WORK INSTRUCTION: Exactly the lines from the beginning of the records below through the line with "from build123d import *" must be given again, without pictures.

════════════════

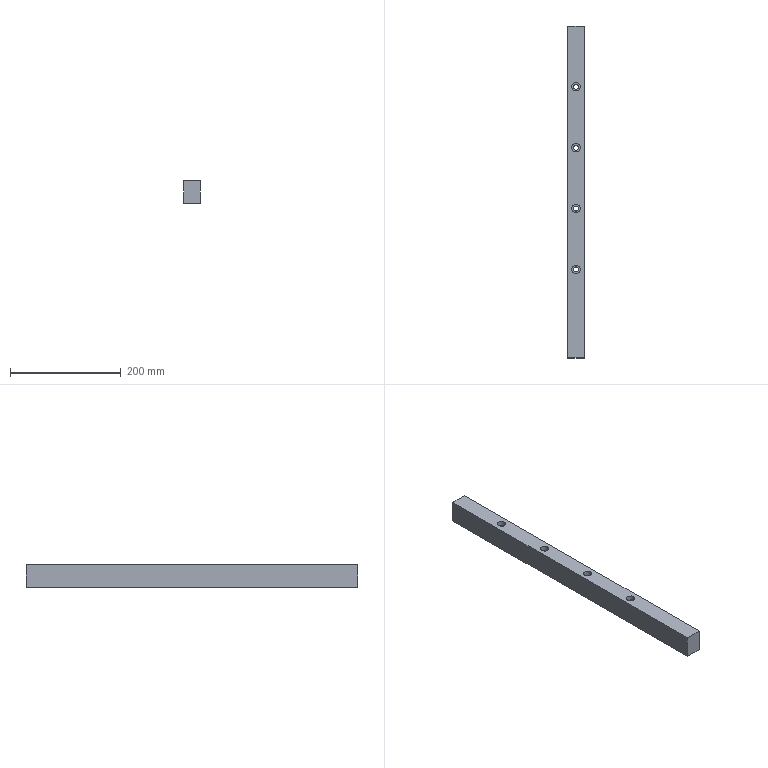Component | SolidWorks | GuideRailSpacer122-1 | 1 solid | 26 faces | box 30 x 600 x 41 mm | volume 723676 mm3 | cylinder 16 | plane 10 | commonest cylinder face diameters 15 x8 9 x8
build123d program:
from build123d import *

# Parameters (mm, degrees)
SKETCH1_W                                       = 30
SKETCH1_H                                       = 600
BOSS_EXTRUDE1_DEPTH                             = 41
M8_HEX_SOCKET_HEAD_CAP_SCREW_CBORE1_D           = 9
M8_HEX_SOCKET_HEAD_CAP_SCREW_CBORE1_CBORE_D     = 15
M8_HEX_SOCKET_HEAD_CAP_SCREW_CBORE1_CBORE_DEPTH = 8.6


with BuildPart() as part:
    # Sketch1 → Boss-Extrude1 (new body)
    with BuildSketch(Plane.XY):
        Rectangle(SKETCH1_W, SKETCH1_H)
    extrude(amount=BOSS_EXTRUDE1_DEPTH)

    # M8 Hex Socket Head Cap Screw CBORE1 (through all)
    with Locations(Plane.XY.offset(41)):
        with Locations((0, 190), (0, 80), (0, -30), (0, -140)):
            CounterBoreHole(M8_HEX_SOCKET_HEAD_CAP_SCREW_CBORE1_D / 2, M8_HEX_SOCKET_HEAD_CAP_SCREW_CBORE1_CBORE_D / 2, M8_HEX_SOCKET_HEAD_CAP_SCREW_CBORE1_CBORE_DEPTH)


solid = part.part

# Placed as in the assembly
solid = solid.moved(Location((-294.479, 164.741, 805), (0, 0, 0)))
STEP:
#1=COLOUR_RGB('',0.7922,0.8196,0.9333);
#2=FILL_AREA_STYLE_COLOUR('',#1);
#3=FILL_AREA_STYLE('',(#2));
#4=SURFACE_STYLE_FILL_AREA(#3);
#5=SURFACE_SIDE_STYLE('',(#4));
#6=SURFACE_STYLE_USAGE(.BOTH.,#5);
#7=PRESENTATION_STYLE_ASSIGNMENT((#6));
#8=CARTESIAN_POINT('',(-11.889,13.966,32.969));
#9=VERTEX_POINT('',#8);
#10=CARTESIAN_POINT('',(-11.298,13.966,32.969));
#11=VERTEX_POINT('',#10);
#12=CARTESIAN_POINT('',(-11.594,13.966,32.969));
#13=DIRECTION('',(0.,0.,1.));
#14=DIRECTION('',(1.,0.,0.));
#15=AXIS2_PLACEMENT_3D('',#12,#13,#14);
#16=CIRCLE('',#15,0.2953);
#17=EDGE_CURVE('',#9,#11,#16,.T.);
#18=ORIENTED_EDGE('',*,*,#17,.F.);
#19=CARTESIAN_POINT('',(-11.889,13.966,33.307));
#20=VERTEX_POINT('',#19);
#21=CARTESIAN_POINT('',(-11.889,13.966,33.307));
#22=DIRECTION('',(0.,0.,1.));
#23=VECTOR('',#22,39.37);
#24=LINE('',#21,#23);
#25=EDGE_CURVE('',#9,#20,#24,.T.);
#26=ORIENTED_EDGE('',*,*,#25,.T.);
#27=CARTESIAN_POINT('',(-11.298,13.966,33.307));
#28=VERTEX_POINT('',#27);
#29=CARTESIAN_POINT('',(-11.594,13.966,33.307));
#30=DIRECTION('',(0.,0.,1.));
#31=DIRECTION('',(1.,0.,0.));
#32=AXIS2_PLACEMENT_3D('',#29,#30,#31);
#33=CIRCLE('',#32,0.2953);
#34=EDGE_CURVE('',#20,#28,#33,.T.);
#35=ORIENTED_EDGE('',*,*,#34,.T.);
#36=CARTESIAN_POINT('',(-11.298,13.966,33.307));
#37=DIRECTION('',(0.,0.,1.));
#38=VECTOR('',#37,39.37);
#39=LINE('',#36,#38);
#40=EDGE_CURVE('',#11,#28,#39,.T.);
#41=ORIENTED_EDGE('',*,*,#40,.F.);
#42=EDGE_LOOP('',(#18,#26,#35,#41));
#43=FACE_OUTER_BOUND('',#42,.T.);
#44=CARTESIAN_POINT('',(-11.594,13.966,33.307));
#45=DIRECTION('',(0.,0.,1.));
#46=DIRECTION('',(1.,0.,0.));
#47=AXIS2_PLACEMENT_3D('',#44,#45,#46);
#48=CYLINDRICAL_SURFACE('',#47,0.2953);
#49=ADVANCED_FACE('',(#43),#48,.F.);
#50=CARTESIAN_POINT('',(-11.771,13.966,31.693));
#51=VERTEX_POINT('',#50);
#52=CARTESIAN_POINT('',(-11.416,13.966,31.693));
#53=VERTEX_POINT('',#52);
#54=CARTESIAN_POINT('',(-11.594,13.966,31.693));
#55=DIRECTION('',(0.,0.,1.));
#56=DIRECTION('',(1.,0.,0.));
#57=AXIS2_PLACEMENT_3D('',#54,#55,#56);
#58=CIRCLE('',#57,0.1772);
#59=EDGE_CURVE('',#51,#53,#58,.T.);
#60=ORIENTED_EDGE('',*,*,#59,.F.);
#61=CARTESIAN_POINT('',(-11.771,13.966,32.969));
#62=VERTEX_POINT('',#61);
#63=CARTESIAN_POINT('',(-11.771,13.966,33.307));
#64=DIRECTION('',(0.,0.,1.));
#65=VECTOR('',#64,39.37);
#66=LINE('',#63,#65);
#67=EDGE_CURVE('',#51,#62,#66,.T.);
#68=ORIENTED_EDGE('',*,*,#67,.T.);
#69=CARTESIAN_POINT('',(-11.416,13.966,32.969));
#70=VERTEX_POINT('',#69);
#71=CARTESIAN_POINT('',(-11.594,13.966,32.969));
#72=DIRECTION('',(0.,0.,1.));
#73=DIRECTION('',(1.,0.,0.));
#74=AXIS2_PLACEMENT_3D('',#71,#72,#73);
#75=CIRCLE('',#74,0.1772);
#76=EDGE_CURVE('',#62,#70,#75,.T.);
#77=ORIENTED_EDGE('',*,*,#76,.T.);
#78=CARTESIAN_POINT('',(-11.416,13.966,33.307));
#79=DIRECTION('',(0.,0.,1.));
#80=VECTOR('',#79,39.37);
#81=LINE('',#78,#80);
#82=EDGE_CURVE('',#53,#70,#81,.T.);
#83=ORIENTED_EDGE('',*,*,#82,.F.);
#84=EDGE_LOOP('',(#60,#68,#77,#83));
#85=FACE_OUTER_BOUND('',#84,.T.);
#86=CARTESIAN_POINT('',(-11.594,13.966,33.307));
#87=DIRECTION('',(0.,0.,1.));
#88=DIRECTION('',(1.,0.,0.));
#89=AXIS2_PLACEMENT_3D('',#86,#87,#88);
#90=CYLINDRICAL_SURFACE('',#89,0.1772);
#91=ADVANCED_FACE('',(#85),#90,.F.);
#92=CARTESIAN_POINT('',(-11.889,9.635,32.969));
#93=VERTEX_POINT('',#92);
#94=CARTESIAN_POINT('',(-11.298,9.635,32.969));
#95=VERTEX_POINT('',#94);
#96=CARTESIAN_POINT('',(-11.594,9.635,32.969));
#97=DIRECTION('',(0.,0.,1.));
#98=DIRECTION('',(1.,0.,0.));
#99=AXIS2_PLACEMENT_3D('',#96,#97,#98);
#100=CIRCLE('',#99,0.2953);
#101=EDGE_CURVE('',#93,#95,#100,.T.);
#102=ORIENTED_EDGE('',*,*,#101,.F.);
#103=CARTESIAN_POINT('',(-11.889,9.635,33.307));
#104=VERTEX_POINT('',#103);
#105=CARTESIAN_POINT('',(-11.889,9.635,33.307));
#106=DIRECTION('',(0.,0.,1.));
#107=VECTOR('',#106,39.37);
#108=LINE('',#105,#107);
#109=EDGE_CURVE('',#93,#104,#108,.T.);
#110=ORIENTED_EDGE('',*,*,#109,.T.);
#111=CARTESIAN_POINT('',(-11.298,9.635,33.307));
#112=VERTEX_POINT('',#111);
#113=CARTESIAN_POINT('',(-11.594,9.635,33.307));
#114=DIRECTION('',(0.,0.,1.));
#115=DIRECTION('',(1.,0.,0.));
#116=AXIS2_PLACEMENT_3D('',#113,#114,#115);
#117=CIRCLE('',#116,0.2953);
#118=EDGE_CURVE('',#104,#112,#117,.T.);
#119=ORIENTED_EDGE('',*,*,#118,.T.);
#120=CARTESIAN_POINT('',(-11.298,9.635,33.307));
#121=DIRECTION('',(0.,0.,1.));
#122=VECTOR('',#121,39.37);
#123=LINE('',#120,#122);
#124=EDGE_CURVE('',#95,#112,#123,.T.);
#125=ORIENTED_EDGE('',*,*,#124,.F.);
#126=EDGE_LOOP('',(#102,#110,#119,#125));
#127=FACE_OUTER_BOUND('',#126,.T.);
#128=CARTESIAN_POINT('',(-11.594,9.635,33.307));
#129=DIRECTION('',(0.,0.,1.));
#130=DIRECTION('',(1.,0.,0.));
#131=AXIS2_PLACEMENT_3D('',#128,#129,#130);
#132=CYLINDRICAL_SURFACE('',#131,0.2953);
#133=ADVANCED_FACE('',(#127),#132,.F.);
#134=CARTESIAN_POINT('',(-11.771,9.635,31.693));
#135=VERTEX_POINT('',#134);
#136=CARTESIAN_POINT('',(-11.416,9.635,31.693));
#137=VERTEX_POINT('',#136);
#138=CARTESIAN_POINT('',(-11.594,9.635,31.693));
#139=DIRECTION('',(0.,0.,1.));
#140=DIRECTION('',(1.,0.,0.));
#141=AXIS2_PLACEMENT_3D('',#138,#139,#140);
#142=CIRCLE('',#141,0.1772);
#143=EDGE_CURVE('',#135,#137,#142,.T.);
#144=ORIENTED_EDGE('',*,*,#143,.F.);
#145=CARTESIAN_POINT('',(-11.771,9.635,32.969));
#146=VERTEX_POINT('',#145);
#147=CARTESIAN_POINT('',(-11.771,9.635,33.307));
#148=DIRECTION('',(0.,0.,1.));
#149=VECTOR('',#148,39.37);
#150=LINE('',#147,#149);
#151=EDGE_CURVE('',#135,#146,#150,.T.);
#152=ORIENTED_EDGE('',*,*,#151,.T.);
#153=CARTESIAN_POINT('',(-11.416,9.635,32.969));
#154=VERTEX_POINT('',#153);
#155=CARTESIAN_POINT('',(-11.594,9.635,32.969));
#156=DIRECTION('',(0.,0.,1.));
#157=DIRECTION('',(1.,0.,0.));
#158=AXIS2_PLACEMENT_3D('',#155,#156,#157);
#159=CIRCLE('',#158,0.1772);
#160=EDGE_CURVE('',#146,#154,#159,.T.);
#161=ORIENTED_EDGE('',*,*,#160,.T.);
#162=CARTESIAN_POINT('',(-11.416,9.635,33.307));
#163=DIRECTION('',(0.,0.,1.));
#164=VECTOR('',#163,39.37);
#165=LINE('',#162,#164);
#166=EDGE_CURVE('',#137,#154,#165,.T.);
#167=ORIENTED_EDGE('',*,*,#166,.F.);
#168=EDGE_LOOP('',(#144,#152,#161,#167));
#169=FACE_OUTER_BOUND('',#168,.T.);
#170=CARTESIAN_POINT('',(-11.594,9.635,33.307));
#171=DIRECTION('',(0.,0.,1.));
#172=DIRECTION('',(1.,0.,0.));
#173=AXIS2_PLACEMENT_3D('',#170,#171,#172);
#174=CYLINDRICAL_SURFACE('',#173,0.1772);
#175=ADVANCED_FACE('',(#169),#174,.F.);
#176=CARTESIAN_POINT('',(-11.889,5.305,32.969));
#177=VERTEX_POINT('',#176);
#178=CARTESIAN_POINT('',(-11.298,5.305,32.969));
#179=VERTEX_POINT('',#178);
#180=CARTESIAN_POINT('',(-11.594,5.305,32.969));
#181=DIRECTION('',(0.,0.,1.));
#182=DIRECTION('',(1.,0.,0.));
#183=AXIS2_PLACEMENT_3D('',#180,#181,#182);
#184=CIRCLE('',#183,0.2953);
#185=EDGE_CURVE('',#177,#179,#184,.T.);
#186=ORIENTED_EDGE('',*,*,#185,.F.);
#187=CARTESIAN_POINT('',(-11.889,5.305,33.307));
#188=VERTEX_POINT('',#187);
#189=CARTESIAN_POINT('',(-11.889,5.305,33.307));
#190=DIRECTION('',(0.,0.,1.));
#191=VECTOR('',#190,39.37);
#192=LINE('',#189,#191);
#193=EDGE_CURVE('',#177,#188,#192,.T.);
#194=ORIENTED_EDGE('',*,*,#193,.T.);
#195=CARTESIAN_POINT('',(-11.298,5.305,33.307));
#196=VERTEX_POINT('',#195);
#197=CARTESIAN_POINT('',(-11.594,5.305,33.307));
#198=DIRECTION('',(0.,0.,1.));
#199=DIRECTION('',(1.,0.,0.));
#200=AXIS2_PLACEMENT_3D('',#197,#198,#199);
#201=CIRCLE('',#200,0.2953);
#202=EDGE_CURVE('',#188,#196,#201,.T.);
#203=ORIENTED_EDGE('',*,*,#202,.T.);
#204=CARTESIAN_POINT('',(-11.298,5.305,33.307));
#205=DIRECTION('',(0.,0.,1.));
#206=VECTOR('',#205,39.37);
#207=LINE('',#204,#206);
#208=EDGE_CURVE('',#179,#196,#207,.T.);
#209=ORIENTED_EDGE('',*,*,#208,.F.);
#210=EDGE_LOOP('',(#186,#194,#203,#209));
#211=FACE_OUTER_BOUND('',#210,.T.);
#212=CARTESIAN_POINT('',(-11.594,5.305,33.307));
#213=DIRECTION('',(0.,0.,1.));
#214=DIRECTION('',(1.,0.,0.));
#215=AXIS2_PLACEMENT_3D('',#212,#213,#214);
#216=CYLINDRICAL_SURFACE('',#215,0.2953);
#217=ADVANCED_FACE('',(#211),#216,.F.);
#218=CARTESIAN_POINT('',(-11.771,5.305,31.693));
#219=VERTEX_POINT('',#218);
#220=CARTESIAN_POINT('',(-11.416,5.305,31.693));
#221=VERTEX_POINT('',#220);
#222=CARTESIAN_POINT('',(-11.594,5.305,31.693));
#223=DIRECTION('',(0.,0.,1.));
#224=DIRECTION('',(1.,0.,0.));
#225=AXIS2_PLACEMENT_3D('',#222,#223,#224);
#226=CIRCLE('',#225,0.1772);
#227=EDGE_CURVE('',#219,#221,#226,.T.);
#228=ORIENTED_EDGE('',*,*,#227,.F.);
#229=CARTESIAN_POINT('',(-11.771,5.305,32.969));
#230=VERTEX_POINT('',#229);
#231=CARTESIAN_POINT('',(-11.771,5.305,33.307));
#232=DIRECTION('',(0.,0.,1.));
#233=VECTOR('',#232,39.37);
#234=LINE('',#231,#233);
#235=EDGE_CURVE('',#219,#230,#234,.T.);
#236=ORIENTED_EDGE('',*,*,#235,.T.);
#237=CARTESIAN_POINT('',(-11.416,5.305,32.969));
#238=VERTEX_POINT('',#237);
#239=CARTESIAN_POINT('',(-11.594,5.305,32.969));
#240=DIRECTION('',(0.,0.,1.));
#241=DIRECTION('',(1.,0.,0.));
#242=AXIS2_PLACEMENT_3D('',#239,#240,#241);
#243=CIRCLE('',#242,0.1772);
#244=EDGE_CURVE('',#230,#238,#243,.T.);
#245=ORIENTED_EDGE('',*,*,#244,.T.);
#246=CARTESIAN_POINT('',(-11.416,5.305,33.307));
#247=DIRECTION('',(0.,0.,1.));
#248=VECTOR('',#247,39.37);
#249=LINE('',#246,#248);
#250=EDGE_CURVE('',#221,#238,#249,.T.);
#251=ORIENTED_EDGE('',*,*,#250,.F.);
#252=EDGE_LOOP('',(#228,#236,#245,#251));
#253=FACE_OUTER_BOUND('',#252,.T.);
#254=CARTESIAN_POINT('',(-11.594,5.305,33.307));
#255=DIRECTION('',(0.,0.,1.));
#256=DIRECTION('',(1.,0.,0.));
#257=AXIS2_PLACEMENT_3D('',#254,#255,#256);
#258=CYLINDRICAL_SURFACE('',#257,0.1772);
#259=ADVANCED_FACE('',(#253),#258,.F.);
#260=CARTESIAN_POINT('',(-11.889,0.974,32.969));
#261=VERTEX_POINT('',#260);
#262=CARTESIAN_POINT('',(-11.298,0.974,32.969));
#263=VERTEX_POINT('',#262);
#264=CARTESIAN_POINT('',(-11.594,0.974,32.969));
#265=DIRECTION('',(0.,0.,1.));
#266=DIRECTION('',(1.,0.,0.));
#267=AXIS2_PLACEMENT_3D('',#264,#265,#266);
#268=CIRCLE('',#267,0.2953);
#269=EDGE_CURVE('',#261,#263,#268,.T.);
#270=ORIENTED_EDGE('',*,*,#269,.F.);
#271=CARTESIAN_POINT('',(-11.889,0.974,33.307));
#272=VERTEX_POINT('',#271);
#273=CARTESIAN_POINT('',(-11.889,0.974,33.307));
#274=DIRECTION('',(0.,0.,1.));
#275=VECTOR('',#274,39.37);
#276=LINE('',#273,#275);
#277=EDGE_CURVE('',#261,#272,#276,.T.);
#278=ORIENTED_EDGE('',*,*,#277,.T.);
#279=CARTESIAN_POINT('',(-11.298,0.974,33.307));
#280=VERTEX_POINT('',#279);
#281=CARTESIAN_POINT('',(-11.594,0.974,33.307));
#282=DIRECTION('',(0.,0.,1.));
#283=DIRECTION('',(1.,0.,0.));
#284=AXIS2_PLACEMENT_3D('',#281,#282,#283);
#285=CIRCLE('',#284,0.2953);
#286=EDGE_CURVE('',#272,#280,#285,.T.);
#287=ORIENTED_EDGE('',*,*,#286,.T.);
#288=CARTESIAN_POINT('',(-11.298,0.974,33.307));
#289=DIRECTION('',(0.,0.,1.));
#290=VECTOR('',#289,39.37);
#291=LINE('',#288,#290);
#292=EDGE_CURVE('',#263,#280,#291,.T.);
#293=ORIENTED_EDGE('',*,*,#292,.F.);
#294=EDGE_LOOP('',(#270,#278,#287,#293));
#295=FACE_OUTER_BOUND('',#294,.T.);
#296=CARTESIAN_POINT('',(-11.594,0.974,33.307));
#297=DIRECTION('',(0.,0.,1.));
#298=DIRECTION('',(1.,0.,0.));
#299=AXIS2_PLACEMENT_3D('',#296,#297,#298);
#300=CYLINDRICAL_SURFACE('',#299,0.2953);
#301=ADVANCED_FACE('',(#295),#300,.F.);
#302=CARTESIAN_POINT('',(-11.771,0.974,31.693));
#303=VERTEX_POINT('',#302);
#304=CARTESIAN_POINT('',(-11.416,0.974,31.693));
#305=VERTEX_POINT('',#304);
#306=CARTESIAN_POINT('',(-11.594,0.974,31.693));
#307=DIRECTION('',(0.,0.,1.));
#308=DIRECTION('',(1.,0.,0.));
#309=AXIS2_PLACEMENT_3D('',#306,#307,#308);
#310=CIRCLE('',#309,0.1772);
#311=EDGE_CURVE('',#303,#305,#310,.T.);
#312=ORIENTED_EDGE('',*,*,#311,.F.);
#313=CARTESIAN_POINT('',(-11.771,0.974,32.969));
#314=VERTEX_POINT('',#313);
#315=CARTESIAN_POINT('',(-11.771,0.974,33.307));
#316=DIRECTION('',(0.,0.,1.));
#317=VECTOR('',#316,39.37);
#318=LINE('',#315,#317);
#319=EDGE_CURVE('',#303,#314,#318,.T.);
#320=ORIENTED_EDGE('',*,*,#319,.T.);
#321=CARTESIAN_POINT('',(-11.416,0.974,32.969));
#322=VERTEX_POINT('',#321);
#323=CARTESIAN_POINT('',(-11.594,0.974,32.969));
#324=DIRECTION('',(0.,0.,1.));
#325=DIRECTION('',(1.,0.,0.));
#326=AXIS2_PLACEMENT_3D('',#323,#324,#325);
#327=CIRCLE('',#326,0.1772);
#328=EDGE_CURVE('',#314,#322,#327,.T.);
#329=ORIENTED_EDGE('',*,*,#328,.T.);
#330=CARTESIAN_POINT('',(-11.416,0.974,33.307));
#331=DIRECTION('',(0.,0.,1.));
#332=VECTOR('',#331,39.37);
#333=LINE('',#330,#332);
#334=EDGE_CURVE('',#305,#322,#333,.T.);
#335=ORIENTED_EDGE('',*,*,#334,.F.);
#336=EDGE_LOOP('',(#312,#320,#329,#335));
#337=FACE_OUTER_BOUND('',#336,.T.);
#338=CARTESIAN_POINT('',(-11.594,0.974,33.307));
#339=DIRECTION('',(0.,0.,1.));
#340=DIRECTION('',(1.,0.,0.));
#341=AXIS2_PLACEMENT_3D('',#338,#339,#340);
#342=CYLINDRICAL_SURFACE('',#341,0.1772);
#343=ADVANCED_FACE('',(#337),#342,.F.);
#344=CARTESIAN_POINT('',(-11.003,-5.325,31.693));
#345=VERTEX_POINT('',#344);
#346=CARTESIAN_POINT('',(-11.003,18.297,31.693));
#347=VERTEX_POINT('',#346);
#348=CARTESIAN_POINT('',(-11.003,-5.325,31.693));
#349=DIRECTION('',(0.,1.,0.));
#350=VECTOR('',#349,39.37);
#351=LINE('',#348,#350);
#352=EDGE_CURVE('',#345,#347,#351,.T.);
#353=ORIENTED_EDGE('',*,*,#352,.T.);
#354=CARTESIAN_POINT('',(-11.003,18.297,33.307));
#355=VERTEX_POINT('',#354);
#356=CARTESIAN_POINT('',(-11.003,18.297,33.307));
#357=DIRECTION('',(0.,0.,-1.));
#358=VECTOR('',#357,39.37);
#359=LINE('',#356,#358);
#360=EDGE_CURVE('',#355,#347,#359,.T.);
#361=ORIENTED_EDGE('',*,*,#360,.F.);
#362=CARTESIAN_POINT('',(-11.003,-5.325,33.307));
#363=VERTEX_POINT('',#362);
#364=CARTESIAN_POINT('',(-11.003,-5.325,33.307));
#365=DIRECTION('',(0.,1.,0.));
#366=VECTOR('',#365,39.37);
#367=LINE('',#364,#366);
#368=EDGE_CURVE('',#363,#355,#367,.T.);
#369=ORIENTED_EDGE('',*,*,#368,.F.);
#370=CARTESIAN_POINT('',(-11.003,-5.325,33.307));
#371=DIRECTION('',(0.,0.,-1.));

════════════════

ANSWER TO THE PROBLEM:
Component | SolidWorks | GuideRailSpacer122-1 | 1 solid | 26 faces | box 30 x 600 x 41 mm | volume 723676 mm3 | cylinder 16 | plane 10 | commonest cylinder face diameters 15 x8 9 x8
build123d program:
from build123d import *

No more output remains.